__DATASET RECORDS__:
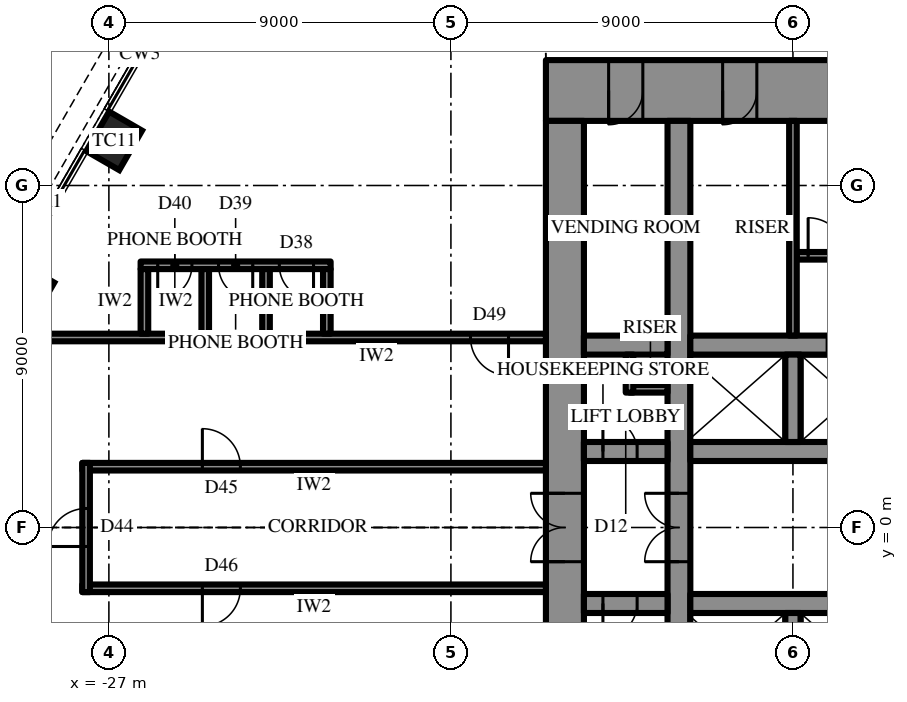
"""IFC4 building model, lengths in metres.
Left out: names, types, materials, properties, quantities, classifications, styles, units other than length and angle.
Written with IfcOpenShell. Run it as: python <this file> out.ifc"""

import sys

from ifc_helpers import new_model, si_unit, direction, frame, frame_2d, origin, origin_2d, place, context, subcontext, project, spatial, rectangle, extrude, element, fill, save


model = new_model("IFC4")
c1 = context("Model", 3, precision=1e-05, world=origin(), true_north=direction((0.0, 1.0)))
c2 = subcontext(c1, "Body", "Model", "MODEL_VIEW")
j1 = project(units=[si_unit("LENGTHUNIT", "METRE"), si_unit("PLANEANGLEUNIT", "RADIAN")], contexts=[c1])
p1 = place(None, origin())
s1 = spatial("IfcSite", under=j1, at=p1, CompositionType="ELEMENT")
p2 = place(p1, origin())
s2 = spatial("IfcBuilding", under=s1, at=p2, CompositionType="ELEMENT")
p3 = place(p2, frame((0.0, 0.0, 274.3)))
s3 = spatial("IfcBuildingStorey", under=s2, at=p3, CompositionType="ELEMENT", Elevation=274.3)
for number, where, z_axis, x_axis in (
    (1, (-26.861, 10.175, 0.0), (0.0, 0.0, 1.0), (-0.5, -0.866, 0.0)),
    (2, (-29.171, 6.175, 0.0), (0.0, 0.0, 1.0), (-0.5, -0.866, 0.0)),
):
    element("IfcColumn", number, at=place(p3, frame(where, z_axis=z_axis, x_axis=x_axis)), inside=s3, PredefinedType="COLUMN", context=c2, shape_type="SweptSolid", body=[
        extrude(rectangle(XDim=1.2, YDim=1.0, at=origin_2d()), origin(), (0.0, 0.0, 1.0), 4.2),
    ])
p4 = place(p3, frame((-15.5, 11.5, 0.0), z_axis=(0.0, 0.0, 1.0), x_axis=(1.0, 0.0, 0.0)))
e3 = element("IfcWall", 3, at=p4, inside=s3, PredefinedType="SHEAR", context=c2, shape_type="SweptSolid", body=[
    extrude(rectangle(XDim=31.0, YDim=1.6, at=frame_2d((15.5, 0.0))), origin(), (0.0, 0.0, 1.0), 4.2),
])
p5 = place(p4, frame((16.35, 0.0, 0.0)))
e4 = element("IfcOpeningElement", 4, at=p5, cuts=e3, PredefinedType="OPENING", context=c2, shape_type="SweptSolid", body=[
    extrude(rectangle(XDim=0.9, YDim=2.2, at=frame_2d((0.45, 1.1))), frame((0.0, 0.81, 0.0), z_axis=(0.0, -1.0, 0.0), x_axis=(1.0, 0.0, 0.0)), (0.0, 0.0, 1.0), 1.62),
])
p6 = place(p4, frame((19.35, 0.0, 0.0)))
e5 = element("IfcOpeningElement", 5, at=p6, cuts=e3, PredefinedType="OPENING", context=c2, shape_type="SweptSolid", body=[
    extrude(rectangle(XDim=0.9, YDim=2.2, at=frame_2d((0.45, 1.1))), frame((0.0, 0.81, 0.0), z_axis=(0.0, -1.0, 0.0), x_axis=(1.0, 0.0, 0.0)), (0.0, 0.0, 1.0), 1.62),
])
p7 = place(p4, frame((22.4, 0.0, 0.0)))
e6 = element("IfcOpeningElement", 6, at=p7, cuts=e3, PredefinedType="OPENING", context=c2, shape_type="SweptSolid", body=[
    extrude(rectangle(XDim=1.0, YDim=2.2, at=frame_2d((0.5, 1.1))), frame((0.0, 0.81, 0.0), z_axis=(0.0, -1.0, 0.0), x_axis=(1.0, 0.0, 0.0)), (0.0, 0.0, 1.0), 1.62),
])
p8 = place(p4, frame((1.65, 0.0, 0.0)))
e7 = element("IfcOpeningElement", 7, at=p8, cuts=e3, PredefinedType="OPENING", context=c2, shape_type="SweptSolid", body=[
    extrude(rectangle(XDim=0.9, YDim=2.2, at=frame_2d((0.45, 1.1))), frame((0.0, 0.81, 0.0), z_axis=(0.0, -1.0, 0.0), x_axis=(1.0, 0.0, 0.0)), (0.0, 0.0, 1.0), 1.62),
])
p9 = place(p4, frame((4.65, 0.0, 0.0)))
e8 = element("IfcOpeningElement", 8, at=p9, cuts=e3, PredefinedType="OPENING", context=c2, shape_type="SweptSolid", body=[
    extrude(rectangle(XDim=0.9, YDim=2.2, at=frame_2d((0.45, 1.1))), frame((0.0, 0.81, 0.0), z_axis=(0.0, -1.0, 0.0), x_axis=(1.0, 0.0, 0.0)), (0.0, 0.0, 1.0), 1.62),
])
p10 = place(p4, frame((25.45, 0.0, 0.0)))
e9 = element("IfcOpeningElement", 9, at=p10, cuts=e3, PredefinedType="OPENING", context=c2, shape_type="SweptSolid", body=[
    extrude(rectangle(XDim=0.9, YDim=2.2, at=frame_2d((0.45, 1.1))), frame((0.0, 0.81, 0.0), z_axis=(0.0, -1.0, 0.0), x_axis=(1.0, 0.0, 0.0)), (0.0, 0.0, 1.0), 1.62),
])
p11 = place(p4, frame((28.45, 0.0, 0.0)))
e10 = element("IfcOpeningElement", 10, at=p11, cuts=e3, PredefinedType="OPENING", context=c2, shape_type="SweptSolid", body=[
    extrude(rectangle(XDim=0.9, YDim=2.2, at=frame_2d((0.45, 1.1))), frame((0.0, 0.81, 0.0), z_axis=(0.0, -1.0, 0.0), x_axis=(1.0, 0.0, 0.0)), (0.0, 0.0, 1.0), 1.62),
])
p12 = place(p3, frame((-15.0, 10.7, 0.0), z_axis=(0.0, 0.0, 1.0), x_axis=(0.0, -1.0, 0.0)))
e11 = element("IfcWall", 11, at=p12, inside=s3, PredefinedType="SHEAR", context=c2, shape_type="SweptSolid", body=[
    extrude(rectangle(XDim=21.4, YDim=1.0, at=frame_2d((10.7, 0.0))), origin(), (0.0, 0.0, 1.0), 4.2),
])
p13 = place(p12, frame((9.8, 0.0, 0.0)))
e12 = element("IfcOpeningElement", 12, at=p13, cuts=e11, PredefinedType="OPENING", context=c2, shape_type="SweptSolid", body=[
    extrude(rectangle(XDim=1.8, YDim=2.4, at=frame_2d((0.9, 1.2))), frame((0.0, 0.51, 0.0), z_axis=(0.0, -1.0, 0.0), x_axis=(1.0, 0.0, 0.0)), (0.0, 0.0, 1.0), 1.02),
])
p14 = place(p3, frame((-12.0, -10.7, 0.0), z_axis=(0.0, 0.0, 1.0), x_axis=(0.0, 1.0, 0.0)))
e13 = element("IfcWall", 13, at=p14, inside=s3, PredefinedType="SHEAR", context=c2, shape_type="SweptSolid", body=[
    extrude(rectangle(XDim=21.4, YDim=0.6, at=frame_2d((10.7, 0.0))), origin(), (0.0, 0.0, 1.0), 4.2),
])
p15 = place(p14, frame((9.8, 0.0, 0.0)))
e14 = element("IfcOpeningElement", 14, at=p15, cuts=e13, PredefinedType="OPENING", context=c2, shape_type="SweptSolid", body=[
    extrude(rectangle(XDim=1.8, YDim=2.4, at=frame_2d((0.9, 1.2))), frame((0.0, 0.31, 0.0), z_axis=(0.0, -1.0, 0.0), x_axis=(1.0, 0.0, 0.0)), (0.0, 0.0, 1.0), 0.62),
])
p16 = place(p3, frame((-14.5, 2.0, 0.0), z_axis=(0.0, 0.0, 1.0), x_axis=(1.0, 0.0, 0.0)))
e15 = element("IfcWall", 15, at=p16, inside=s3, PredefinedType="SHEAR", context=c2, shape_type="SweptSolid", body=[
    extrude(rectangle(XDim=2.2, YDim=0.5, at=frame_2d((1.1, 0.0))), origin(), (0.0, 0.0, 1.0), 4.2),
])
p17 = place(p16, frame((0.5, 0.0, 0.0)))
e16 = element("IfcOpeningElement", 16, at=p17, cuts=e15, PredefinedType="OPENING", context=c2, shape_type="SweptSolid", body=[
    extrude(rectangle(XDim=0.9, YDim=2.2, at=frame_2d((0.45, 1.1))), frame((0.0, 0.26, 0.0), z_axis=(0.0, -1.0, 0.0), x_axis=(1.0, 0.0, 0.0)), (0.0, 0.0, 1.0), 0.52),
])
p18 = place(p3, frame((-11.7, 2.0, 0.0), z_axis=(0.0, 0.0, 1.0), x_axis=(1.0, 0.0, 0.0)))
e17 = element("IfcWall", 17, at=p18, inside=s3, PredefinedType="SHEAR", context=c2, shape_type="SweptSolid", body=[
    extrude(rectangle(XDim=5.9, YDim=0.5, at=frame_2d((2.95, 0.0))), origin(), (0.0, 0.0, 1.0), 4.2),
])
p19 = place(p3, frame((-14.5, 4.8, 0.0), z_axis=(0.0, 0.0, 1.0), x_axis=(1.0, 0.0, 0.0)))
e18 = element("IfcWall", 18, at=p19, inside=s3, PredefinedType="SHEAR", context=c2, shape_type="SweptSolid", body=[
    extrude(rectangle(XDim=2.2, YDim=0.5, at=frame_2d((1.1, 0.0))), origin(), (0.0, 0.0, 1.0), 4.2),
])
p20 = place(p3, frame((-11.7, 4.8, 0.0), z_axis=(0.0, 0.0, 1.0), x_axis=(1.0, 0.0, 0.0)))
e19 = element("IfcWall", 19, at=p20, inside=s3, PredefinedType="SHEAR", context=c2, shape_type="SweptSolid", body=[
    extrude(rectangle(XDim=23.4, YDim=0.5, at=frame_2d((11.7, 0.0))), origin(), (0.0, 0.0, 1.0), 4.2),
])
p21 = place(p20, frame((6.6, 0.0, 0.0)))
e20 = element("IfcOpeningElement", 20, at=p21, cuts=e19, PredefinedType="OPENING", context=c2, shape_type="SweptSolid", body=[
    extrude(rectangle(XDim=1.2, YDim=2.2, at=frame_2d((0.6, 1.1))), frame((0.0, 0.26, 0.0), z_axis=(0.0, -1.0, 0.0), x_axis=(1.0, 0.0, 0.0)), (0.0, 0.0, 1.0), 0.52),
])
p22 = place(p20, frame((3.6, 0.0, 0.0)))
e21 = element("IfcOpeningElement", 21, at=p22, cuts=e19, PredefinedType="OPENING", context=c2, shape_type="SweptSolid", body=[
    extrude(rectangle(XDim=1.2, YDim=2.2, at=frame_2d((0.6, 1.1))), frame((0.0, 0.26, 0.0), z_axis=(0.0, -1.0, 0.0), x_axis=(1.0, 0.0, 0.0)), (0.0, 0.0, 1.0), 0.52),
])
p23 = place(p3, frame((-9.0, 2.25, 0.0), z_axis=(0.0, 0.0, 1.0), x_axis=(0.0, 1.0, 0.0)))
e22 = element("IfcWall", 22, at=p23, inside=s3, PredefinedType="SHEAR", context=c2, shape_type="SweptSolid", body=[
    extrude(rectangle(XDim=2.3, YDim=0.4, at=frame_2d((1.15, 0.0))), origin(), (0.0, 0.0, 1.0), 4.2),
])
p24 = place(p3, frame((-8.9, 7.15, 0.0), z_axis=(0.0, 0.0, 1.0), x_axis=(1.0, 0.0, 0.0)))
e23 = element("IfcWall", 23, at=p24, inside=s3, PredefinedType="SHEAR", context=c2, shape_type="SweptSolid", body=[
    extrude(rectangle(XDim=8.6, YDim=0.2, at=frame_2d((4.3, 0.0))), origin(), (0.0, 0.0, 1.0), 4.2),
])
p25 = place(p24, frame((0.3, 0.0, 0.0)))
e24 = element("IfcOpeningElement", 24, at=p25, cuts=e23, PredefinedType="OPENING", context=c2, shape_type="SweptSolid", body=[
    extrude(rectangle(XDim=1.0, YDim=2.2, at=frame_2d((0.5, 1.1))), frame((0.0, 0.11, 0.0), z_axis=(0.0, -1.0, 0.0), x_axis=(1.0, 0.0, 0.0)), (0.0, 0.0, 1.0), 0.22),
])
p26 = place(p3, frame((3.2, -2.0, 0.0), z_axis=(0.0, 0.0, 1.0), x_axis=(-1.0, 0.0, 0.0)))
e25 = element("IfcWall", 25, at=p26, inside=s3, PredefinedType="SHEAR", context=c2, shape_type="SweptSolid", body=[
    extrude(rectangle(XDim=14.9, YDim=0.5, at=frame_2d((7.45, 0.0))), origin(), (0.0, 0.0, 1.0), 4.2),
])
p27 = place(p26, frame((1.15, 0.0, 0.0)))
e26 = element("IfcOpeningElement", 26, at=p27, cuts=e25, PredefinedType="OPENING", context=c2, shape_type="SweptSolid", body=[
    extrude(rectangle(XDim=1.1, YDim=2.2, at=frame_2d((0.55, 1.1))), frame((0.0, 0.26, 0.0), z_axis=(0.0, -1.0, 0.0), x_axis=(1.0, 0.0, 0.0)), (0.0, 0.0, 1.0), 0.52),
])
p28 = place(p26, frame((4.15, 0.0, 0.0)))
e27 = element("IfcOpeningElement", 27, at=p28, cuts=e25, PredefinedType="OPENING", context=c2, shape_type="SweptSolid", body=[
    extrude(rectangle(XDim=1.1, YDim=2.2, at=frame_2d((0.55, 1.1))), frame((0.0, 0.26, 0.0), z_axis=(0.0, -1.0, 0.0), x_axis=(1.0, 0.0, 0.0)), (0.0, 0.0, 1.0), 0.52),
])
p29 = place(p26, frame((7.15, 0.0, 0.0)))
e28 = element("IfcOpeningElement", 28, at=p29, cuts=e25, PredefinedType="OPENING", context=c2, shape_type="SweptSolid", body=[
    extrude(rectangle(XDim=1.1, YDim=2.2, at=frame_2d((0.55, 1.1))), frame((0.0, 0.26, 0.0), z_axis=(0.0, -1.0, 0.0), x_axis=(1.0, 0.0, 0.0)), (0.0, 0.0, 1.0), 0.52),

__WHAT YOU NEED TO DO__: Each line with the string "direction" counts once; report how many such lines the material has, as a bare number.

__WRITTEN ANSWER__: 2